*** Opening Dataset ***

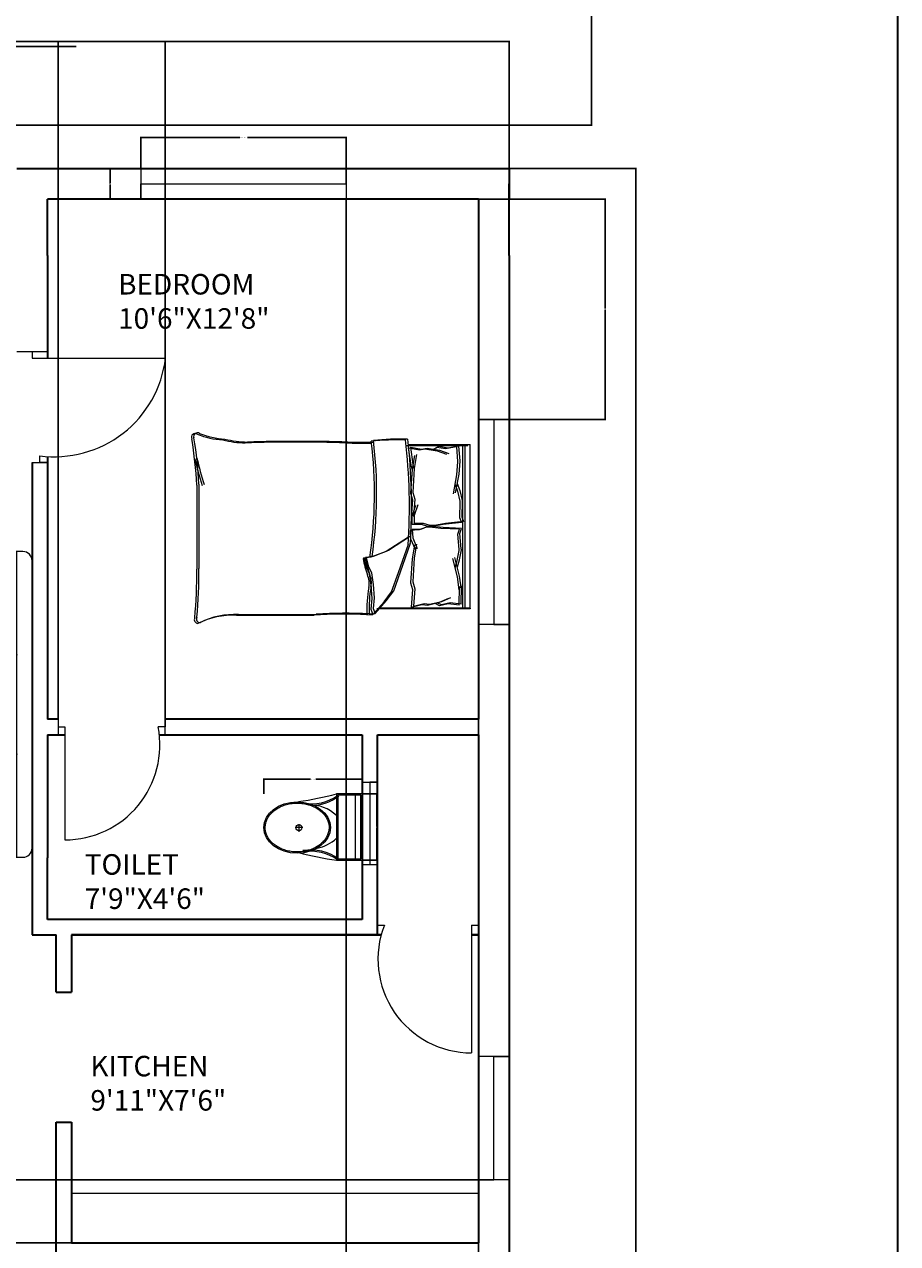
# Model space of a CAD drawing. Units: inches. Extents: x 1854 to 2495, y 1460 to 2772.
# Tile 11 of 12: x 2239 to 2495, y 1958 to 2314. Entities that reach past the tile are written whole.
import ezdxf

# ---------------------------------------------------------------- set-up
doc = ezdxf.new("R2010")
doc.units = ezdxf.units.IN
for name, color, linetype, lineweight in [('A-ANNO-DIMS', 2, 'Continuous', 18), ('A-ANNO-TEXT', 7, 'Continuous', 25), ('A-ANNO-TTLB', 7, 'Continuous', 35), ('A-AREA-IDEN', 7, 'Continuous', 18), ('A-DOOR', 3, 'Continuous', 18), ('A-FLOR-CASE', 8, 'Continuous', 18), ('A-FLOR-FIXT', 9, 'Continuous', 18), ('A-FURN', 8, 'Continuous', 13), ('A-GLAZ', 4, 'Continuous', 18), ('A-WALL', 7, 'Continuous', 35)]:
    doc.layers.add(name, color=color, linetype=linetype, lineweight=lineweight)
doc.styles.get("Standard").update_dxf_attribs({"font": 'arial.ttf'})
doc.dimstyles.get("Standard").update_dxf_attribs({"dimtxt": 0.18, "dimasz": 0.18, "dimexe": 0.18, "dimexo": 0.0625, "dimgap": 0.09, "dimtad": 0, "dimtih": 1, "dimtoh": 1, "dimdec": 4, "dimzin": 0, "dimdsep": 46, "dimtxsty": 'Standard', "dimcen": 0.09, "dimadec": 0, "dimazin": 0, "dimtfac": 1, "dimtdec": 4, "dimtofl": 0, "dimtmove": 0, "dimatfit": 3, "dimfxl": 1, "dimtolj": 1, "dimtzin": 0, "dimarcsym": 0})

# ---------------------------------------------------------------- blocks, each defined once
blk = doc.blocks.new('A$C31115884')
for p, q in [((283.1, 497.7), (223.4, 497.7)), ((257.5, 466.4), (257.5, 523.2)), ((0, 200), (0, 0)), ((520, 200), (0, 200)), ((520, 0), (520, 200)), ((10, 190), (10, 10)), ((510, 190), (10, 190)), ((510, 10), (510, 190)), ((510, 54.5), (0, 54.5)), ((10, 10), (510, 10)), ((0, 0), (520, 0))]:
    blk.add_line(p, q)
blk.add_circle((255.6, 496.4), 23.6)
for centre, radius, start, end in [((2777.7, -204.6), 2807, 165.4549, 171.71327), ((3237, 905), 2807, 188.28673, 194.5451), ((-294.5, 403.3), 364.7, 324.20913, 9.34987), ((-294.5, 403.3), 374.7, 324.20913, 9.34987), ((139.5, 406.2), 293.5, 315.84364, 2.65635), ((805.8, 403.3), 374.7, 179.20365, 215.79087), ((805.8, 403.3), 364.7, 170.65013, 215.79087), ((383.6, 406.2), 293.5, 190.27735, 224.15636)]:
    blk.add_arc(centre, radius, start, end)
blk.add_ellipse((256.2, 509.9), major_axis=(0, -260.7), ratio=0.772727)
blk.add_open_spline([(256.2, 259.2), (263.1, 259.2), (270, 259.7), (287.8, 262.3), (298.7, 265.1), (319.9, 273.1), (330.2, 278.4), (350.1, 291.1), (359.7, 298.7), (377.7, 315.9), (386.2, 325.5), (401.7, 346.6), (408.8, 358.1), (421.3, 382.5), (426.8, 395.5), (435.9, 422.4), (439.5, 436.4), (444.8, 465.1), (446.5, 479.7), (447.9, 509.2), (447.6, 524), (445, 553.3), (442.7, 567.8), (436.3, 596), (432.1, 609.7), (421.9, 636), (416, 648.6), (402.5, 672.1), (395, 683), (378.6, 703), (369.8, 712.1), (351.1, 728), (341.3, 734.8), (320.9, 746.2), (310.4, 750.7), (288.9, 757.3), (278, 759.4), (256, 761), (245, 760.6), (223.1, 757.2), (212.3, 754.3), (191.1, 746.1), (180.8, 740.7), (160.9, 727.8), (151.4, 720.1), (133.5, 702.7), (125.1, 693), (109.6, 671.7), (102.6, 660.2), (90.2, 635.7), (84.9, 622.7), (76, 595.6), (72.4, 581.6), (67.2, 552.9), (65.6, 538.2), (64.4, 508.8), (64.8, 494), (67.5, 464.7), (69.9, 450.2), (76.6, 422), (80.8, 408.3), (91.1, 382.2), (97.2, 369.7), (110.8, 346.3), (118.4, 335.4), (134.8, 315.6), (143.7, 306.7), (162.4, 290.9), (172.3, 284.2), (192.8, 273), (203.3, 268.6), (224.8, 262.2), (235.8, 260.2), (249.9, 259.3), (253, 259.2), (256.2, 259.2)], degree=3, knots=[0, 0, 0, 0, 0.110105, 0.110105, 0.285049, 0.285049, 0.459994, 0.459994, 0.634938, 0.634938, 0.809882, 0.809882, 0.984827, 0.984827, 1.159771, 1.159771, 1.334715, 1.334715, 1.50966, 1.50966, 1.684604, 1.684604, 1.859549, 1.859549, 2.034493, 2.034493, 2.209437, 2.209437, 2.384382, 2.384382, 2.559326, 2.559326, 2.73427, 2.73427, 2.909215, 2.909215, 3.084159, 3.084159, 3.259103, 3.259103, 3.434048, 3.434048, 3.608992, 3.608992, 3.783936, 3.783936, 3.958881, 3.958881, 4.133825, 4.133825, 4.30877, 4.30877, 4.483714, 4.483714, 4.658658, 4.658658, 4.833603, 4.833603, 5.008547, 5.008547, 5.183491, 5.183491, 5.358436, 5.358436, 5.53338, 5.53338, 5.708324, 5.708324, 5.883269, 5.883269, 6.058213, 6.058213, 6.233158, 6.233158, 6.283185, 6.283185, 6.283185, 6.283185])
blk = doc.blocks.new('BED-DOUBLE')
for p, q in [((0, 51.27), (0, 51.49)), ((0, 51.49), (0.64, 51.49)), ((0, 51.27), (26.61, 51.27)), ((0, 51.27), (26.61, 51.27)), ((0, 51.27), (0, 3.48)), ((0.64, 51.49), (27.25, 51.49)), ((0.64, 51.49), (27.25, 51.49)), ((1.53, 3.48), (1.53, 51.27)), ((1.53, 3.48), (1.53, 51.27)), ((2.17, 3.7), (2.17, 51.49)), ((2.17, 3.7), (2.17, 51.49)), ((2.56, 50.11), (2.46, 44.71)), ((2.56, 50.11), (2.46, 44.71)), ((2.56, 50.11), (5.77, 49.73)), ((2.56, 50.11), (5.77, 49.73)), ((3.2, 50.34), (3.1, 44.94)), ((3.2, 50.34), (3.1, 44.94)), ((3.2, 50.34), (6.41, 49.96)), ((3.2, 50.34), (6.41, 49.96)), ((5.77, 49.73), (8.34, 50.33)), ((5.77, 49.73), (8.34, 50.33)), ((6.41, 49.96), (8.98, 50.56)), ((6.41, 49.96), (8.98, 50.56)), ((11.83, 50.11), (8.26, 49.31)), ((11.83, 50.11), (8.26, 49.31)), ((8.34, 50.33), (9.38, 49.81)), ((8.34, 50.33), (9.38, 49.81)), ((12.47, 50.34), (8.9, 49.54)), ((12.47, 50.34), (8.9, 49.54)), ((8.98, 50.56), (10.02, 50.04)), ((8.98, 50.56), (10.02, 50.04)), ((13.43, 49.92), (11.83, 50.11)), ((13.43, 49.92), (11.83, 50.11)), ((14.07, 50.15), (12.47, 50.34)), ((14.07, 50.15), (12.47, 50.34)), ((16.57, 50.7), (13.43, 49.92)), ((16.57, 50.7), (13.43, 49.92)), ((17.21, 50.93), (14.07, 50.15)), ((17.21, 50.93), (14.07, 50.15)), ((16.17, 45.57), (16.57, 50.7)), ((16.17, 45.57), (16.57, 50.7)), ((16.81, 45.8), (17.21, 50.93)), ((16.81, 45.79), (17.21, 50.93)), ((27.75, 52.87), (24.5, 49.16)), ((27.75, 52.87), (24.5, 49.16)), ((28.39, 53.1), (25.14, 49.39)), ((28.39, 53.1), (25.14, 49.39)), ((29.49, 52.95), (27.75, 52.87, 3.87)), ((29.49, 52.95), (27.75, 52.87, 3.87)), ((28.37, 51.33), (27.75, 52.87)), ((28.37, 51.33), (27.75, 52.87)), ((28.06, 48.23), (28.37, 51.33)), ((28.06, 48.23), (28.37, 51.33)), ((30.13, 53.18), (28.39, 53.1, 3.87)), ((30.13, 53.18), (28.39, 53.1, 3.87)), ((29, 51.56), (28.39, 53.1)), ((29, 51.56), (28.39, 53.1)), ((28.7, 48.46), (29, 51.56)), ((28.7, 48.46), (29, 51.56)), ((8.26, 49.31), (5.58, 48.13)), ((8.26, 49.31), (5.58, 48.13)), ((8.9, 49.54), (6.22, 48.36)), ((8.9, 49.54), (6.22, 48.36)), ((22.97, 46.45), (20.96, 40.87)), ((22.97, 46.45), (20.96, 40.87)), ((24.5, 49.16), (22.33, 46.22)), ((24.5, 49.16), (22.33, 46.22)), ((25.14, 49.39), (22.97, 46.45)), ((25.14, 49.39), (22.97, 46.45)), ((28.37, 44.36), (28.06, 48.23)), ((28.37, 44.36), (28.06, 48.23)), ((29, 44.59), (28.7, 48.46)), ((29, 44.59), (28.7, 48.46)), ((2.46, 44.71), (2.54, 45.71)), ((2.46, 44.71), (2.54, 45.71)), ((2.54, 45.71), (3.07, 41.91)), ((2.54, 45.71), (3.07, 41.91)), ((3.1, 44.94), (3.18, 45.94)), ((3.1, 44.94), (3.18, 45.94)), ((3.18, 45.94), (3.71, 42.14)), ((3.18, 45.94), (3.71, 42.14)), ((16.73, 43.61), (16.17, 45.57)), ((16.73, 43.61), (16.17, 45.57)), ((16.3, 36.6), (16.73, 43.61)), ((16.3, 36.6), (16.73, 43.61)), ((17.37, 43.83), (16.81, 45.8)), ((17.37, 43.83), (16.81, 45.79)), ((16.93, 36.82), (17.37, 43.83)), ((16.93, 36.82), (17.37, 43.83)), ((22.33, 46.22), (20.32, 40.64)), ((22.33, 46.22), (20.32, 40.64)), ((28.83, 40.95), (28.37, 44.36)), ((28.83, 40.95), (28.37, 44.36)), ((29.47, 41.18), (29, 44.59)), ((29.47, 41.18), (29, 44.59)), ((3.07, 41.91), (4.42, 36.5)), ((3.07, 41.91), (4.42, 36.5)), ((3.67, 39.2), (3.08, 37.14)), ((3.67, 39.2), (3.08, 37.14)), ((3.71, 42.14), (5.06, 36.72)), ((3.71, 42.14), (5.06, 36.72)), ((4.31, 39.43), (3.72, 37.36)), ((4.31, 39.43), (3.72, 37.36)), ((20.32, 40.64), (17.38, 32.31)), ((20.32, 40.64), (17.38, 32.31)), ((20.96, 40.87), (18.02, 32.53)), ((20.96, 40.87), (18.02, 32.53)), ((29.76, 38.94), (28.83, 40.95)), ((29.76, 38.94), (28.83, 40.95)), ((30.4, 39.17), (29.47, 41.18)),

*** Closing Dataset ***

• [About this task]:
Copy only what lies between the start of the listing above and the line containing "doc.units = ezdxf.units.IN", inclusive of both ends, exactly as written, and drop the pictures.

• [The answer]:
# Model space of a CAD drawing. Units: inches. Extents: x 1854 to 2495, y 1460 to 2772.
# Tile 11 of 12: x 2239 to 2495, y 1958 to 2314. Entities that reach past the tile are written whole.
import ezdxf

# ---------------------------------------------------------------- set-up
doc = ezdxf.new("R2010")
doc.units = ezdxf.units.IN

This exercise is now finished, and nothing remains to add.